DATA EXTRACTS »
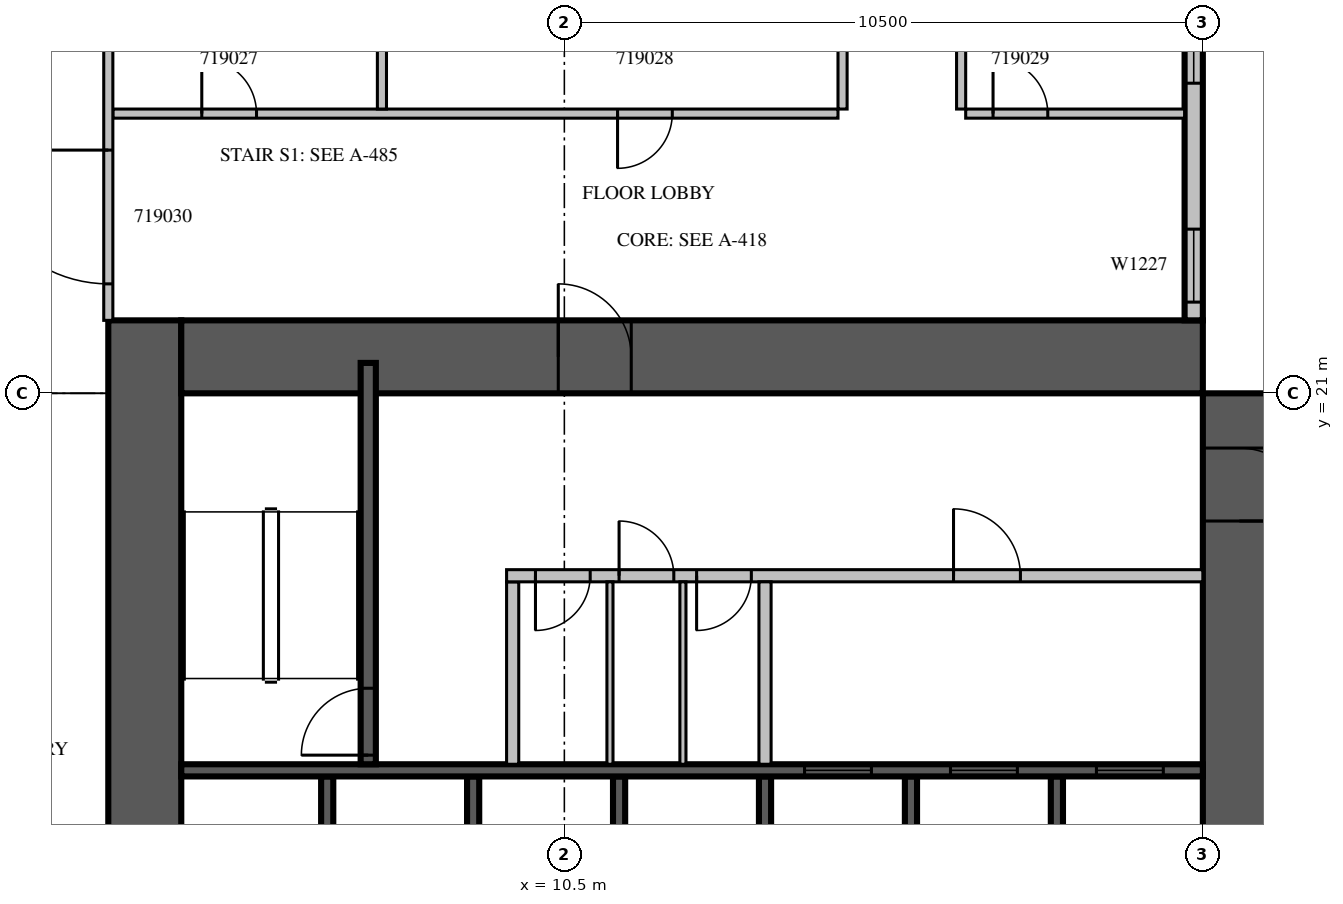
"""IFC4 building model, lengths in metres.
Left out: names, types, materials, properties, quantities, classifications, styles, units other than length and angle.
Written with IfcOpenShell. Run it as: python <this file> out.ifc"""

import sys

from ifc_helpers import new_model, si_unit, direction, frame, frame_2d, origin, place, context, subcontext, project, spatial, rectangle, extrude, source, transform, mapped, element, fill, save


model = new_model("IFC4")
c1 = context("Model", 3, precision=1e-05, world=origin(), true_north=direction((0.0, 1.0)))
c2 = subcontext(c1, "Body", "Model", "MODEL_VIEW")
j1 = project(units=[si_unit("LENGTHUNIT", "METRE"), si_unit("PLANEANGLEUNIT", "RADIAN")], contexts=[c1])
p1 = place(None, origin())
s1 = spatial("IfcSite", under=j1, at=p1, CompositionType="ELEMENT")
p2 = place(p1, origin())
s2 = spatial("IfcBuilding", under=s1, at=p2, CompositionType="ELEMENT")
p3 = place(p2, frame((0.0, 0.0, 90.9)))
s3 = spatial("IfcBuildingStorey", under=s2, at=p3, CompositionType="ELEMENT", Elevation=90.9)
m1 = source(origin(), c2, "Body", "SweptSolid", [
    extrude(rectangle(XDim=18.0, YDim=1.2, at=frame_2d((9.0, 0.0))), origin(), (0.0, 0.0, 1.0), 4.2),
])
p4 = place(p3, frame((3.6, 4.2, 0.0), z_axis=(0.0, 0.0, 1.0), x_axis=(0.0, 1.0, 0.0)))
e1 = element("IfcWall", 1, at=p4, inside=s3, PredefinedType="SHEAR", context=c2, shape_type="MappedRepresentation", body=[
    mapped(m1, transform((0.0, 0.0, 0.0), scale=1.0)),
])
m2 = source(origin(), c2, "Body", "SweptSolid", [
    extrude(rectangle(XDim=2.2, YDim=2.1, at=frame_2d((1.1, 1.05))), frame((0.0, 0.61, 0.0), z_axis=(0.0, -1.0, 0.0), x_axis=(1.0, 0.0, 0.0)), (0.0, 0.0, 1.0), 1.22),
])
p5 = place(p4, frame((4.2, 0.0, 0.0)))
e2 = element("IfcOpeningElement", 2, at=p5, cuts=e1, PredefinedType="OPENING", context=c2, shape_type="MappedRepresentation", body=[
    mapped(m2, transform((0.0, 0.0, 0.0), scale=1.0)),
])
m3 = source(origin(), c2, "Body", "SweptSolid", [
    extrude(rectangle(XDim=16.8, YDim=1.2, at=frame_2d((8.4, 0.0))), origin(), (0.0, 0.0, 1.0), 4.2),
])
p6 = place(p3, frame((21.6, 4.2, 0.0), z_axis=(0.0, 0.0, 1.0), x_axis=(0.0, 1.0, 0.0)))
e3 = element("IfcWall", 3, at=p6, inside=s3, PredefinedType="SHEAR", context=c2, shape_type="MappedRepresentation", body=[
    mapped(m3, transform((0.0, 0.0, 0.0), scale=1.0)),
])
p7 = place(p6, frame((4.2, 0.0, 0.0)))
e4 = element("IfcOpeningElement", 4, at=p7, cuts=e3, PredefinedType="OPENING", context=c2, shape_type="MappedRepresentation", body=[
    mapped(m2, transform((0.0, 0.0, 0.0), scale=1.0)),
])
m4 = source(origin(), c2, "Body", "SweptSolid", [
    extrude(rectangle(XDim=1.2, YDim=2.1, at=frame_2d((0.6, 1.05))), frame((0.0, 0.61, 0.0), z_axis=(0.0, -1.0, 0.0), x_axis=(1.0, 0.0, 0.0)), (0.0, 0.0, 1.0), 1.22),
])
p8 = place(p6, frame((14.7, 0.0, 0.0)))
e5 = element("IfcOpeningElement", 5, at=p8, cuts=e3, PredefinedType="OPENING", context=c2, shape_type="MappedRepresentation", body=[
    mapped(m4, transform((0.0, 0.0, 0.0), scale=1.0)),
])
p9 = place(p3, frame((4.2, 21.6, 0.0), z_axis=(0.0, 0.0, 1.0), x_axis=(1.0, 0.0, 0.0)))
e6 = element("IfcWall", 6, at=p9, inside=s3, PredefinedType="SHEAR", context=c2, shape_type="MappedRepresentation", body=[
    mapped(m3, transform((0.0, 0.0, 0.0), scale=1.0)),
])
p10 = place(p9, frame((6.2, 0.0, 0.0)))
e7 = element("IfcOpeningElement", 7, at=p10, cuts=e6, PredefinedType="OPENING", context=c2, shape_type="MappedRepresentation", body=[
    mapped(m4, transform((0.0, 0.0, 0.0), scale=1.0)),
])
m5 = source(origin(), c2, "Body", "SweptSolid", [
    extrude(rectangle(XDim=6.6, YDim=0.3, at=frame_2d((3.3, 0.0))), origin(), (0.0, 0.0, 1.0), 3.8),
])
p11 = place(p3, frame((20.85, 22.2, 0.0), z_axis=(0.0, 0.0, 1.0), x_axis=(0.0, 1.0, 0.0)))
e8 = element("IfcWall", 8, at=p11, inside=s3, PredefinedType="STANDARD", context=c2, shape_type="MappedRepresentation", body=[
    mapped(m5, transform((0.0, 0.0, 0.0), scale=1.0)),
])
m6 = source(origin(), c2, "Body", "SweptSolid", [
    extrude(rectangle(XDim=1.2, YDim=2.7, at=frame_2d((0.6, 1.35))), frame((0.0, 0.16, 0.0), z_axis=(0.0, -1.0, 0.0), x_axis=(1.0, 0.0, 0.0)), (0.0, 0.0, 1.0), 0.32),
])
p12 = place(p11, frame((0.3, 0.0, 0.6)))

WHAT THE TASK REQUIRES »
Print verbatim every line above, apart from the pictures.

RESULT FOR THIS EXERCISE »
"""IFC4 building model, lengths in metres.
Left out: names, types, materials, properties, quantities, classifications, styles, units other than length and angle.
Written with IfcOpenShell. Run it as: python <this file> out.ifc"""

import sys

from ifc_helpers import new_model, si_unit, direction, frame, frame_2d, origin, place, context, subcontext, project, spatial, rectangle, extrude, source, transform, mapped, element, fill, save


model = new_model("IFC4")
c1 = context("Model", 3, precision=1e-05, world=origin(), true_north=direction((0.0, 1.0)))
c2 = subcontext(c1, "Body", "Model", "MODEL_VIEW")
j1 = project(units=[si_unit("LENGTHUNIT", "METRE"), si_unit("PLANEANGLEUNIT", "RADIAN")], contexts=[c1])
p1 = place(None, origin())
s1 = spatial("IfcSite", under=j1, at=p1, CompositionType="ELEMENT")
p2 = place(p1, origin())
s2 = spatial("IfcBuilding", under=s1, at=p2, CompositionType="ELEMENT")
p3 = place(p2, frame((0.0, 0.0, 90.9)))
s3 = spatial("IfcBuildingStorey", under=s2, at=p3, CompositionType="ELEMENT", Elevation=90.9)
m1 = source(origin(), c2, "Body", "SweptSolid", [
    extrude(rectangle(XDim=18.0, YDim=1.2, at=frame_2d((9.0, 0.0))), origin(), (0.0, 0.0, 1.0), 4.2),
])
p4 = place(p3, frame((3.6, 4.2, 0.0), z_axis=(0.0, 0.0, 1.0), x_axis=(0.0, 1.0, 0.0)))
e1 = element("IfcWall", 1, at=p4, inside=s3, PredefinedType="SHEAR", context=c2, shape_type="MappedRepresentation", body=[
    mapped(m1, transform((0.0, 0.0, 0.0), scale=1.0)),
])
m2 = source(origin(), c2, "Body", "SweptSolid", [
    extrude(rectangle(XDim=2.2, YDim=2.1, at=frame_2d((1.1, 1.05))), frame((0.0, 0.61, 0.0), z_axis=(0.0, -1.0, 0.0), x_axis=(1.0, 0.0, 0.0)), (0.0, 0.0, 1.0), 1.22),
])
p5 = place(p4, frame((4.2, 0.0, 0.0)))
e2 = element("IfcOpeningElement", 2, at=p5, cuts=e1, PredefinedType="OPENING", context=c2, shape_type="MappedRepresentation", body=[
    mapped(m2, transform((0.0, 0.0, 0.0), scale=1.0)),
])
m3 = source(origin(), c2, "Body", "SweptSolid", [
    extrude(rectangle(XDim=16.8, YDim=1.2, at=frame_2d((8.4, 0.0))), origin(), (0.0, 0.0, 1.0), 4.2),
])
p6 = place(p3, frame((21.6, 4.2, 0.0), z_axis=(0.0, 0.0, 1.0), x_axis=(0.0, 1.0, 0.0)))
e3 = element("IfcWall", 3, at=p6, inside=s3, PredefinedType="SHEAR", context=c2, shape_type="MappedRepresentation", body=[
    mapped(m3, transform((0.0, 0.0, 0.0), scale=1.0)),
])
p7 = place(p6, frame((4.2, 0.0, 0.0)))
e4 = element("IfcOpeningElement", 4, at=p7, cuts=e3, PredefinedType="OPENING", context=c2, shape_type="MappedRepresentation", body=[
    mapped(m2, transform((0.0, 0.0, 0.0), scale=1.0)),
])
m4 = source(origin(), c2, "Body", "SweptSolid", [
    extrude(rectangle(XDim=1.2, YDim=2.1, at=frame_2d((0.6, 1.05))), frame((0.0, 0.61, 0.0), z_axis=(0.0, -1.0, 0.0), x_axis=(1.0, 0.0, 0.0)), (0.0, 0.0, 1.0), 1.22),
])
p8 = place(p6, frame((14.7, 0.0, 0.0)))
e5 = element("IfcOpeningElement", 5, at=p8, cuts=e3, PredefinedType="OPENING", context=c2, shape_type="MappedRepresentation", body=[
    mapped(m4, transform((0.0, 0.0, 0.0), scale=1.0)),
])
p9 = place(p3, frame((4.2, 21.6, 0.0), z_axis=(0.0, 0.0, 1.0), x_axis=(1.0, 0.0, 0.0)))
e6 = element("IfcWall", 6, at=p9, inside=s3, PredefinedType="SHEAR", context=c2, shape_type="MappedRepresentation", body=[
    mapped(m3, transform((0.0, 0.0, 0.0), scale=1.0)),
])
p10 = place(p9, frame((6.2, 0.0, 0.0)))
e7 = element("IfcOpeningElement", 7, at=p10, cuts=e6, PredefinedType="OPENING", context=c2, shape_type="MappedRepresentation", body=[
    mapped(m4, transform((0.0, 0.0, 0.0), scale=1.0)),
])
m5 = source(origin(), c2, "Body", "SweptSolid", [
    extrude(rectangle(XDim=6.6, YDim=0.3, at=frame_2d((3.3, 0.0))), origin(), (0.0, 0.0, 1.0), 3.8),
])
p11 = place(p3, frame((20.85, 22.2, 0.0), z_axis=(0.0, 0.0, 1.0), x_axis=(0.0, 1.0, 0.0)))
e8 = element("IfcWall", 8, at=p11, inside=s3, PredefinedType="STANDARD", context=c2, shape_type="MappedRepresentation", body=[
    mapped(m5, transform((0.0, 0.0, 0.0), scale=1.0)),
])
m6 = source(origin(), c2, "Body", "SweptSolid", [
    extrude(rectangle(XDim=1.2, YDim=2.7, at=frame_2d((0.6, 1.35))), frame((0.0, 0.16, 0.0), z_axis=(0.0, -1.0, 0.0), x_axis=(1.0, 0.0, 0.0)), (0.0, 0.0, 1.0), 0.32),
])
p12 = place(p11, frame((0.3, 0.0, 0.6)))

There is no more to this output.